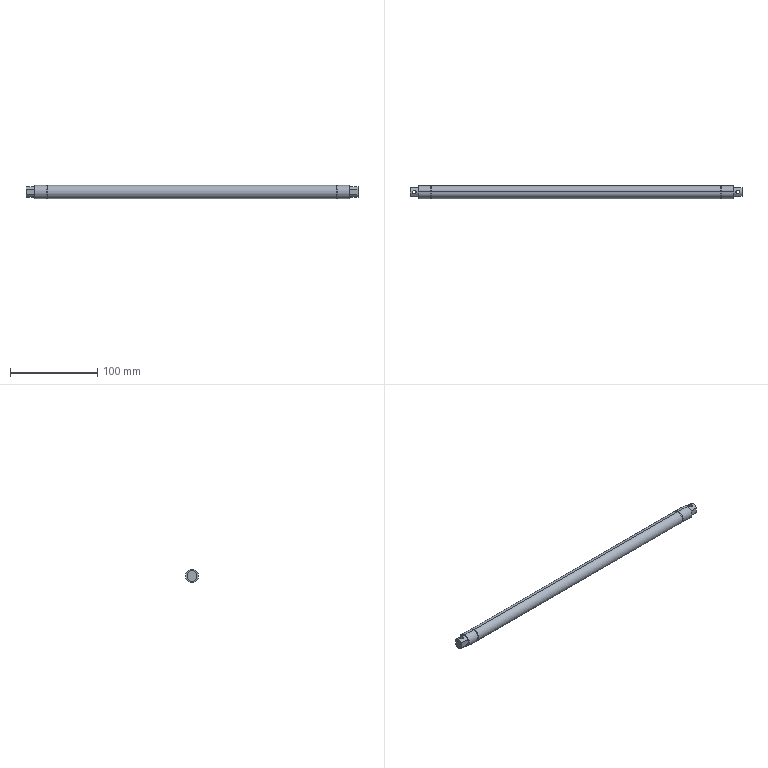Component | SolidWorks | 01-12MarkingMachinePrintingRollerAxis-1 | 1 solid | 32 faces | box 380 x 15 x 15 mm | volume 65336 mm3 | cylinder 20 | plane 12 | commonest cylinder face diameters 15 x6 12 x6 4.2 x4 14.3 x4 | material A3 Steel
build123d program:
from build123d import *

# Parameters (mm, degrees)
SKETCH2_W          = 10
SKETCH2_H          = 1
CUT_EXTRUDE1_DEPTH = 191.296
M5_TAPPED_HOLE1_D  = 4.2


with BuildPart() as part:
    # Sketch1 → Revolve1 (revolve)
    with BuildSketch(Plane.XY, mode=Mode.PRIVATE) as revolve1_sk:
        Polygon((-190, 0), (-190, 6), (-180, 6), (-180, 7.5), (-166.1, 7.5), (-166.1, 7.15), (-165, 7.15), (-165, 7.5), (165, 7.5), (165, 7.15), (166.1, 7.15), (166.1, 7.5), (180, 7.5), (180, 6), (190, 6), (190, 0), align=None)
    revolve(revolve1_sk.sketch.rotate(Axis((-253.202, 0, 0), (1, 0, 0)), 90), axis=Axis((-253.202, 0, 0), (1, 0, 0)))

    # Sketch2 → Cut-Extrude1 (cut, symmetric)
    with BuildSketch(Plane.XY):
        with Locations((-185, 5.5)):
            Rectangle(SKETCH2_W, SKETCH2_H)
        with Locations((-185, -5.5)):
            Rectangle(SKETCH2_W, SKETCH2_H)
    cut_extrude1 = extrude(amount=CUT_EXTRUDE1_DEPTH, both=True, mode=Mode.SUBTRACT)

    # M5 Tapped Hole1 (through all)
    with Locations(Plane(origin=(-185, 0, 6), x_dir=(0, 1, 0), z_dir=(0, 0, 1))):
        with Locations((0, 0)):
            m5_tapped_hole1 = Hole(M5_TAPPED_HOLE1_D / 2)

    # Mirror1: Cut-Extrude1, M5 Tapped Hole1 across plane
    add(cut_extrude1.mirror(Plane(origin=(0, 0, 0), x_dir=(0, 0, 1), z_dir=(1, 0, 0))), mode=Mode.SUBTRACT)
    add(m5_tapped_hole1.mirror(Plane(origin=(0, 0, 0), x_dir=(0, 0, 1), z_dir=(1, 0, 0))), mode=Mode.SUBTRACT)


solid = part.part

# Placed as in the assembly
solid = solid.moved(Location((-256.91, 2.41, 6.568), (0, 0, 0)))

WORK TO BE COMPLETED>
Only the lines from the one with "solid = part.part" through the last line of the material above are to be duplicated, exactly and with both ends kept.

RESULT OF THIS EXERCISE>
solid = part.part

# Placed as in the assembly
solid = solid.moved(Location((-256.91, 2.41, 6.568), (0, 0, 0)))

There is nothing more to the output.